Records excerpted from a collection
━━━━━━━━━━━━━━━━━━━━

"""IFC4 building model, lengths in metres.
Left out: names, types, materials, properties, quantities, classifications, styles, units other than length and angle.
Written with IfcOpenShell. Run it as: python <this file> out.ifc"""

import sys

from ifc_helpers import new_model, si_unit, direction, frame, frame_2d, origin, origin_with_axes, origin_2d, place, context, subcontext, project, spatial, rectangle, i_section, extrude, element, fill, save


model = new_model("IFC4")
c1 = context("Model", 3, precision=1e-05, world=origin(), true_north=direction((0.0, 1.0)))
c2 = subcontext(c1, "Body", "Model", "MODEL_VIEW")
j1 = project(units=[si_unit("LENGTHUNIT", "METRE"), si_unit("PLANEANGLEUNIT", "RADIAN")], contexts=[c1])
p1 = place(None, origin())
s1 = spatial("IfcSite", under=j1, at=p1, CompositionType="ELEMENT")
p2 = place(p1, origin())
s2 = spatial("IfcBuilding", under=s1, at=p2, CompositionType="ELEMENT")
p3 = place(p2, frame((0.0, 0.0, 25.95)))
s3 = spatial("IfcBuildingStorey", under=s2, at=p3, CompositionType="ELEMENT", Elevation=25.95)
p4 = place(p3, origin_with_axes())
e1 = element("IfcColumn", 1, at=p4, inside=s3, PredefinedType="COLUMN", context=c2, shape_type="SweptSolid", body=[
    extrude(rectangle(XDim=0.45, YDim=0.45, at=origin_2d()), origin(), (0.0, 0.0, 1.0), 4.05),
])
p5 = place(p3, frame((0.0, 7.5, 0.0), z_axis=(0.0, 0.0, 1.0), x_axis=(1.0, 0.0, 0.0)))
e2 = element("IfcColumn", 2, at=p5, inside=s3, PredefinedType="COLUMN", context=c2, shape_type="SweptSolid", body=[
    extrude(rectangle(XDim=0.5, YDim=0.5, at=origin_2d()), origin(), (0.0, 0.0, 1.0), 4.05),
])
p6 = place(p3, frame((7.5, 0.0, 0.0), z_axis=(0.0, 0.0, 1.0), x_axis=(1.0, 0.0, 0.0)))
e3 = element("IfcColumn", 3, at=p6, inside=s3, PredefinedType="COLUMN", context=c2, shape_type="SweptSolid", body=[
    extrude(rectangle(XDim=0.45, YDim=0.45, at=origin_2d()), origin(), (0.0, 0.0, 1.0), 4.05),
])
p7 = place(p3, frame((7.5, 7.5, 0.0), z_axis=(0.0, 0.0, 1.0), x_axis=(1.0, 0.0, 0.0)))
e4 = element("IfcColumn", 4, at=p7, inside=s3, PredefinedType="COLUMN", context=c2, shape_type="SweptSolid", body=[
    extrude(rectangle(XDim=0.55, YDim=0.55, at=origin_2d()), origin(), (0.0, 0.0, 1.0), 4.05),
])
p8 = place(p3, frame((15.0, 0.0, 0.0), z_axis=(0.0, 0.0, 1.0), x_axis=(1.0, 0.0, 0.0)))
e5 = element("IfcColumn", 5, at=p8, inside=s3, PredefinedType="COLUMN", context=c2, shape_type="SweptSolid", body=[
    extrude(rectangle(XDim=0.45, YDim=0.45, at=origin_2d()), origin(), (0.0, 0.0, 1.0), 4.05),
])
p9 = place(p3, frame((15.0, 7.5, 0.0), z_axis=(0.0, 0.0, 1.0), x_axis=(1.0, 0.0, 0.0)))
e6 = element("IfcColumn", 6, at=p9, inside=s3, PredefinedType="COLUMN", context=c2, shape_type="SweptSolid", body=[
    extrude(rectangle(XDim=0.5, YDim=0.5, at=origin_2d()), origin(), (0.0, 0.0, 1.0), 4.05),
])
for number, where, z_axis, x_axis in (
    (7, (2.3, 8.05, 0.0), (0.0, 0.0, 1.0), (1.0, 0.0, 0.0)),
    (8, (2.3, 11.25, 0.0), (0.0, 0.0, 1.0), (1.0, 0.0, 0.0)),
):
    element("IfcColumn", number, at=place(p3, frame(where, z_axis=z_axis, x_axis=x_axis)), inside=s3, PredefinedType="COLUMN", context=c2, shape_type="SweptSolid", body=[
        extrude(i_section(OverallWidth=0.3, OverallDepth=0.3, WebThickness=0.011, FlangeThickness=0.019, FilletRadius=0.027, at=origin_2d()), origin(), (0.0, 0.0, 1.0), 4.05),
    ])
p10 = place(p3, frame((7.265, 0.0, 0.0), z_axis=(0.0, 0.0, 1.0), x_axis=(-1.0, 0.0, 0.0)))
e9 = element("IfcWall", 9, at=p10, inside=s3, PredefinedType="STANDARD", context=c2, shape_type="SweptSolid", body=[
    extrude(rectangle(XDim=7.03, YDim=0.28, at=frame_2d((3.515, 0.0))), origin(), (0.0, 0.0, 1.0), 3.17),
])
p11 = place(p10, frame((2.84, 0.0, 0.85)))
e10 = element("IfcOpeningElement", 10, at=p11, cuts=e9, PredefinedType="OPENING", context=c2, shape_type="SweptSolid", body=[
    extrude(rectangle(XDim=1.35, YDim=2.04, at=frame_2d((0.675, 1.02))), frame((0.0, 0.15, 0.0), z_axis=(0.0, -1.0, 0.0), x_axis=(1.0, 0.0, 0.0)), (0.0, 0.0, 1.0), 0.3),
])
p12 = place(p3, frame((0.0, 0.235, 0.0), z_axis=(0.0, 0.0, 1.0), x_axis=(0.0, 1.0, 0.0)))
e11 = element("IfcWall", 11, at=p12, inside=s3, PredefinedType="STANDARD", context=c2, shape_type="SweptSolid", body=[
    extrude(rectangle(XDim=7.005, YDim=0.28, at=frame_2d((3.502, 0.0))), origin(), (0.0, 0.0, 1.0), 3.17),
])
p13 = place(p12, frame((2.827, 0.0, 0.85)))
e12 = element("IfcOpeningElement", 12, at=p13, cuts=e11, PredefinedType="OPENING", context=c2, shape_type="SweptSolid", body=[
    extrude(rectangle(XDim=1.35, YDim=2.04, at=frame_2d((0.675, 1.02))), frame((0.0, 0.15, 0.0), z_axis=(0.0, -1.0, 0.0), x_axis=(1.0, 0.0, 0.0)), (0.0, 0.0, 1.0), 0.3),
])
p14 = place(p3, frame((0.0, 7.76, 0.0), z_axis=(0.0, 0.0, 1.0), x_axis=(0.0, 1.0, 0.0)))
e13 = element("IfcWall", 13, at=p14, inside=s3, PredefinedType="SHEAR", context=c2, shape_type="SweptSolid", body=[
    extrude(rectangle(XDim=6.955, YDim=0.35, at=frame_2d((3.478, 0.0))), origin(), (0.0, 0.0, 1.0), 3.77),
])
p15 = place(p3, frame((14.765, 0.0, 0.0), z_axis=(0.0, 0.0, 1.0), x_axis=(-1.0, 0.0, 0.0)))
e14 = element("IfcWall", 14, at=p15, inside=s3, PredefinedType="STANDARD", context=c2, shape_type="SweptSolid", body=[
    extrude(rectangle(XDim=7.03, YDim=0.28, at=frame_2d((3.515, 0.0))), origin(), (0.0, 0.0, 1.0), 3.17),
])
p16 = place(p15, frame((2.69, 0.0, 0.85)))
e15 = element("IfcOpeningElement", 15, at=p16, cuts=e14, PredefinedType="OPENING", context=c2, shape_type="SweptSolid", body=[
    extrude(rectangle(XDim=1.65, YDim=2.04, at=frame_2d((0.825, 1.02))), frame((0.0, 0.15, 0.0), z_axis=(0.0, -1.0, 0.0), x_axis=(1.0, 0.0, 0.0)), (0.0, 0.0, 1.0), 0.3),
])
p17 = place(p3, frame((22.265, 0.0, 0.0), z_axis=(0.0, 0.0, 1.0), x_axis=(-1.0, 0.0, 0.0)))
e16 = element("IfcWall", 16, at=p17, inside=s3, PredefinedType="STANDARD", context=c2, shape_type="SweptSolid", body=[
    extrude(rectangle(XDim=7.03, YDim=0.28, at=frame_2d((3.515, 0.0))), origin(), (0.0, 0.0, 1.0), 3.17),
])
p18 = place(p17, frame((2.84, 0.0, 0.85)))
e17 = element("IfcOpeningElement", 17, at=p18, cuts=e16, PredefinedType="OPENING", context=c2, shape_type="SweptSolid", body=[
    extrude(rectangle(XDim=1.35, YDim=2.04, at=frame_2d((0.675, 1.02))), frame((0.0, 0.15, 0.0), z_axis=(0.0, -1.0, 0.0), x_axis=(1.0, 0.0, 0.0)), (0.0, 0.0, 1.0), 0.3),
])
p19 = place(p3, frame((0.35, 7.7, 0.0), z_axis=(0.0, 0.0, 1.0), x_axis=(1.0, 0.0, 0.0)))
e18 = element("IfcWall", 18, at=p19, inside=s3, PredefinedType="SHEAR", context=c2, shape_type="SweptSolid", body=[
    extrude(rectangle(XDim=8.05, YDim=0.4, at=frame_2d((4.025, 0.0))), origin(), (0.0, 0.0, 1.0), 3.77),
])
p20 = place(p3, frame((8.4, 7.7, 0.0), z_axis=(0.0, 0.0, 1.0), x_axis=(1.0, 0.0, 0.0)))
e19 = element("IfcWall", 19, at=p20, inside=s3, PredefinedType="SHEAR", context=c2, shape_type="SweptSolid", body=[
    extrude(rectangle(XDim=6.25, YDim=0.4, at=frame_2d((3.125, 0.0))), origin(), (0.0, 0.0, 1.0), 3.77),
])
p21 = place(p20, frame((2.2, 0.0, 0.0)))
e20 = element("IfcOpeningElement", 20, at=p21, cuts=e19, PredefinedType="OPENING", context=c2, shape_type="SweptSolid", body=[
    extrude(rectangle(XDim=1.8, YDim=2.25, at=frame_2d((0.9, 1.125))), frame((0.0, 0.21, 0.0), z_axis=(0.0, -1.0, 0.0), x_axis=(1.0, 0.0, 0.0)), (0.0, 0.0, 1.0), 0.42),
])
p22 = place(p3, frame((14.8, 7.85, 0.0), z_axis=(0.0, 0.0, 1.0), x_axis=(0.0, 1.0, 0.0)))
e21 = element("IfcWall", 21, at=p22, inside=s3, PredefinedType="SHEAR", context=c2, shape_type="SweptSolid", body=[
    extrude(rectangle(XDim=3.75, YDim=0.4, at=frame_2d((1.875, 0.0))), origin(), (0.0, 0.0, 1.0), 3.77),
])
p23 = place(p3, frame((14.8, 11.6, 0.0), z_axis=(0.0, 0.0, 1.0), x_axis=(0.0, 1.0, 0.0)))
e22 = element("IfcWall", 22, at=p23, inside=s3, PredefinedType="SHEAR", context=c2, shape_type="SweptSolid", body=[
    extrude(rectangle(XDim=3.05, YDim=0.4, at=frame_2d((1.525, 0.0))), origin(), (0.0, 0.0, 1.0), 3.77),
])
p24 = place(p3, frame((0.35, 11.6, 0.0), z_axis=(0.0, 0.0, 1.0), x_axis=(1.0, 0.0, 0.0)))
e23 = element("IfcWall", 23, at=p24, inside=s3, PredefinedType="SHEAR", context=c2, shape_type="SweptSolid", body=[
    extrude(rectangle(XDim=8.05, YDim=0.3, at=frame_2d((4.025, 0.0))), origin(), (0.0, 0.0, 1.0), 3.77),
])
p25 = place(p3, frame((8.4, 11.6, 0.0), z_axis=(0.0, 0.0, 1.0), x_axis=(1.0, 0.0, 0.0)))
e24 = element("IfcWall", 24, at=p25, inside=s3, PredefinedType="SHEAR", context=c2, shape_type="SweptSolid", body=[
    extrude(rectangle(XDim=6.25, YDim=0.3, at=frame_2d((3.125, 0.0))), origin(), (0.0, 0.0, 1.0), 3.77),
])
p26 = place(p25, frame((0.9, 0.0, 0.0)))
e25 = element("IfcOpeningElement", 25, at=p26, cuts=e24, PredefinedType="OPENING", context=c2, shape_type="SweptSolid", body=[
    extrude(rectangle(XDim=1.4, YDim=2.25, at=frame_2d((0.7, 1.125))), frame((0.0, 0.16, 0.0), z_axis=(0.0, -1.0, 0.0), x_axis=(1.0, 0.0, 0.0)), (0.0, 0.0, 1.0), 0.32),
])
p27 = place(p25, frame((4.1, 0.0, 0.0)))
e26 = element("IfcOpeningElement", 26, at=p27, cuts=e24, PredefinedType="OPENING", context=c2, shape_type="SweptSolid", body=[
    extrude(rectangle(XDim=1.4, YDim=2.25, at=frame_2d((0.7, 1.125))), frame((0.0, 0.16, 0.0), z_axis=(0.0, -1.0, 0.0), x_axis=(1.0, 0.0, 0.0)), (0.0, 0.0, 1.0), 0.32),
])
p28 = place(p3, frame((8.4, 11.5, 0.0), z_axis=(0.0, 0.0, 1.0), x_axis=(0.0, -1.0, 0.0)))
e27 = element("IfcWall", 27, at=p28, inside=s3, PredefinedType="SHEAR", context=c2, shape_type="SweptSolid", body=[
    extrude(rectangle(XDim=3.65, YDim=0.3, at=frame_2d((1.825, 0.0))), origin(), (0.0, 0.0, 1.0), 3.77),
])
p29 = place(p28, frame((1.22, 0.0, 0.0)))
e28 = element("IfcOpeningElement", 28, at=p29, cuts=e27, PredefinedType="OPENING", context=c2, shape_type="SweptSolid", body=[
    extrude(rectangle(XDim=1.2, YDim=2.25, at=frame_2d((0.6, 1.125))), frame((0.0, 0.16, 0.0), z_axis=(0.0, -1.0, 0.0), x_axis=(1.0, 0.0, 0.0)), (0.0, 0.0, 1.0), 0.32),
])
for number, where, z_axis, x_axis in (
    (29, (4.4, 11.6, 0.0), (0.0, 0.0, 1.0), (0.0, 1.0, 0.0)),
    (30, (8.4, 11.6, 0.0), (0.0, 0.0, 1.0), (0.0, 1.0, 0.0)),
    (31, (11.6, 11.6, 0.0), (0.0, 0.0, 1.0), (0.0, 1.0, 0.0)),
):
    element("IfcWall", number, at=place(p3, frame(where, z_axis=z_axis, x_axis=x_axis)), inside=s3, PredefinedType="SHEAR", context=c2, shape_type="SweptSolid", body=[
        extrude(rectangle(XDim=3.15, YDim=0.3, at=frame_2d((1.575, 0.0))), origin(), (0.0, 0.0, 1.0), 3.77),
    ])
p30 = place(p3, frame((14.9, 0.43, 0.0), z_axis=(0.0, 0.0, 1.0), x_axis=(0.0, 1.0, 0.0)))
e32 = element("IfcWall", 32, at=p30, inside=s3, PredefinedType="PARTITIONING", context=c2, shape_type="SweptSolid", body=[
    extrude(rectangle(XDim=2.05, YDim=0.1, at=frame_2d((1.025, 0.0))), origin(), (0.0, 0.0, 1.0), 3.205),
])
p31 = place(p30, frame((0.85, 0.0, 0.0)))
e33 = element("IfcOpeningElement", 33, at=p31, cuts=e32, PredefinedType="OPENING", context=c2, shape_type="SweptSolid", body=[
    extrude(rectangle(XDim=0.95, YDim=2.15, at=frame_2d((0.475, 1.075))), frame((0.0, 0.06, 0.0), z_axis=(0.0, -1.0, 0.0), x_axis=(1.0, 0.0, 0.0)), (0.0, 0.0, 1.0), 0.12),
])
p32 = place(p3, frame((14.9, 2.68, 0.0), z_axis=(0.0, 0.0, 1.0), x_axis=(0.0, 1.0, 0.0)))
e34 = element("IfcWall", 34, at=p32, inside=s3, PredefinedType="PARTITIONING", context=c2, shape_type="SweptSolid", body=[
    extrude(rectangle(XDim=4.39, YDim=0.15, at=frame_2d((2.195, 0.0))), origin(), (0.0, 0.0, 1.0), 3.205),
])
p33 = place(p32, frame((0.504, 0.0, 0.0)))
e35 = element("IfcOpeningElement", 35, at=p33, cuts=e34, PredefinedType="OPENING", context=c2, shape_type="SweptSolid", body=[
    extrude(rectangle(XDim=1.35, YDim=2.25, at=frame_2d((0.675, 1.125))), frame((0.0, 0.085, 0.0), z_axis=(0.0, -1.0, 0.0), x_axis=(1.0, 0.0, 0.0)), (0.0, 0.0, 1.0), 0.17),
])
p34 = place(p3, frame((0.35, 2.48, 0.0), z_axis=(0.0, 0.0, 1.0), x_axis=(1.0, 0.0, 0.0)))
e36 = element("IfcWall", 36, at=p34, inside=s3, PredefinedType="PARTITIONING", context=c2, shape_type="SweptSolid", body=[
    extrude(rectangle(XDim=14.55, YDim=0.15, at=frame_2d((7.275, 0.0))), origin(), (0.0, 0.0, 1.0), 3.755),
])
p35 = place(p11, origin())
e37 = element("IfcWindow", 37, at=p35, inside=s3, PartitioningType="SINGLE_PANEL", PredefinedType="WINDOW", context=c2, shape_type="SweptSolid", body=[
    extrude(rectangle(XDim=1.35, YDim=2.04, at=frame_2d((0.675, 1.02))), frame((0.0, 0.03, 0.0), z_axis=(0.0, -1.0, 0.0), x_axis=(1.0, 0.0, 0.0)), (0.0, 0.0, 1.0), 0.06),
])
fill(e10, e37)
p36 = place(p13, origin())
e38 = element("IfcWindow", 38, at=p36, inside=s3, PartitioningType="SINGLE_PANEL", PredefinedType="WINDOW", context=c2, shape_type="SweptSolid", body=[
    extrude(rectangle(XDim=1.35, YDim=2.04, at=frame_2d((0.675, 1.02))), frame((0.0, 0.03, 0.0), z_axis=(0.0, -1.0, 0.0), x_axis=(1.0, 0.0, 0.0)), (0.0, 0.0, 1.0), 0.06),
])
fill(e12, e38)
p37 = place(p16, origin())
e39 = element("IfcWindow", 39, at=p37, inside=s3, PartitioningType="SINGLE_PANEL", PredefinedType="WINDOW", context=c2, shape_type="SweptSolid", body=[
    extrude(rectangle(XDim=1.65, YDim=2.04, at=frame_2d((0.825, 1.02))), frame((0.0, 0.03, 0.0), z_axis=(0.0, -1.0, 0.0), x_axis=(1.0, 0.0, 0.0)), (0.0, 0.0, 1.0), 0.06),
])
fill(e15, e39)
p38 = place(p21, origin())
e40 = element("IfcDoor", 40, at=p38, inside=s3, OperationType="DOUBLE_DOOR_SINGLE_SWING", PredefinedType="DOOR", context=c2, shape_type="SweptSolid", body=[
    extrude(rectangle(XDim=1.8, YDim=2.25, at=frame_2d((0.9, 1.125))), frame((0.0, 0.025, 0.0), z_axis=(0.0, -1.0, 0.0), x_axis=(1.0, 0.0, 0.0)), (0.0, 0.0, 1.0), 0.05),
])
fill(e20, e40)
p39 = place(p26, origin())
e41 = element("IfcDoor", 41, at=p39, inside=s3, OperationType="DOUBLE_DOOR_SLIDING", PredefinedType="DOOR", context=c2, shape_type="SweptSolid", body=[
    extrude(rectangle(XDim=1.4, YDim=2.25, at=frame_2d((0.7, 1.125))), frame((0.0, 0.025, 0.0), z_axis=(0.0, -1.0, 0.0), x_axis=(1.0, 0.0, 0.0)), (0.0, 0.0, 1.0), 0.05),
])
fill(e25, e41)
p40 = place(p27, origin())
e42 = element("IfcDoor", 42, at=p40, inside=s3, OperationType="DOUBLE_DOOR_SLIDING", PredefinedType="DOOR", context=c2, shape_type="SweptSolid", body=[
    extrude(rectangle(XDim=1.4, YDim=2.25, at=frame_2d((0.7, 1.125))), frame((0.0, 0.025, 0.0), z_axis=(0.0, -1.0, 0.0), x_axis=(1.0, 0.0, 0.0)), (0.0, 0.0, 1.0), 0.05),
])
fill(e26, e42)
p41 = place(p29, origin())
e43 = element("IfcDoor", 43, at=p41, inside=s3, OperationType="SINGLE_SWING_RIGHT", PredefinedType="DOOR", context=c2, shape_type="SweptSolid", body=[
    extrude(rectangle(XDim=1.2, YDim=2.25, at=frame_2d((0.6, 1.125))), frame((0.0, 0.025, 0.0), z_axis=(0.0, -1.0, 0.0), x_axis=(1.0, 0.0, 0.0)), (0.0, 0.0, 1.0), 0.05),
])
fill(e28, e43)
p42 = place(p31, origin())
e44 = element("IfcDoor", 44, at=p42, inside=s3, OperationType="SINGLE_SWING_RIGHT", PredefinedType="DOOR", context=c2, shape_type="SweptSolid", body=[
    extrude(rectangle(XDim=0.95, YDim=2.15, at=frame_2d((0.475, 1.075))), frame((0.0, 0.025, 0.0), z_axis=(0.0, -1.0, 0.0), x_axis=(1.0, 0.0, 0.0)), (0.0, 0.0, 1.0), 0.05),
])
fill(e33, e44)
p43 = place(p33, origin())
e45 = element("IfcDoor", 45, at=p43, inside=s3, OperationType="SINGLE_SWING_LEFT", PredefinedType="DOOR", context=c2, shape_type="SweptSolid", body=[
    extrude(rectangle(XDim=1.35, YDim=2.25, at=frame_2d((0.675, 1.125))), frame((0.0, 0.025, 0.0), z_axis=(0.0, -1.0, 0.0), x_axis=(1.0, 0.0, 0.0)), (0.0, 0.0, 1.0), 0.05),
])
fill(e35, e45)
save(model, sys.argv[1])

━━━━━━━━━━━━━━━━━━━━

All lines above containing the string "number": copy each one.

Answer box =>
for number, where, z_axis, x_axis in (
    element("IfcColumn", number, at=place(p3, frame(where, z_axis=z_axis, x_axis=x_axis)), inside=s3, PredefinedType="COLUMN", context=c2, shape_type="SweptSolid", body=[
for number, where, z_axis, x_axis in (
    element("IfcWall", number, at=place(p3, frame(where, z_axis=z_axis, x_axis=x_axis)), inside=s3, PredefinedType="SHEAR", context=c2, shape_type="SweptSolid", body=[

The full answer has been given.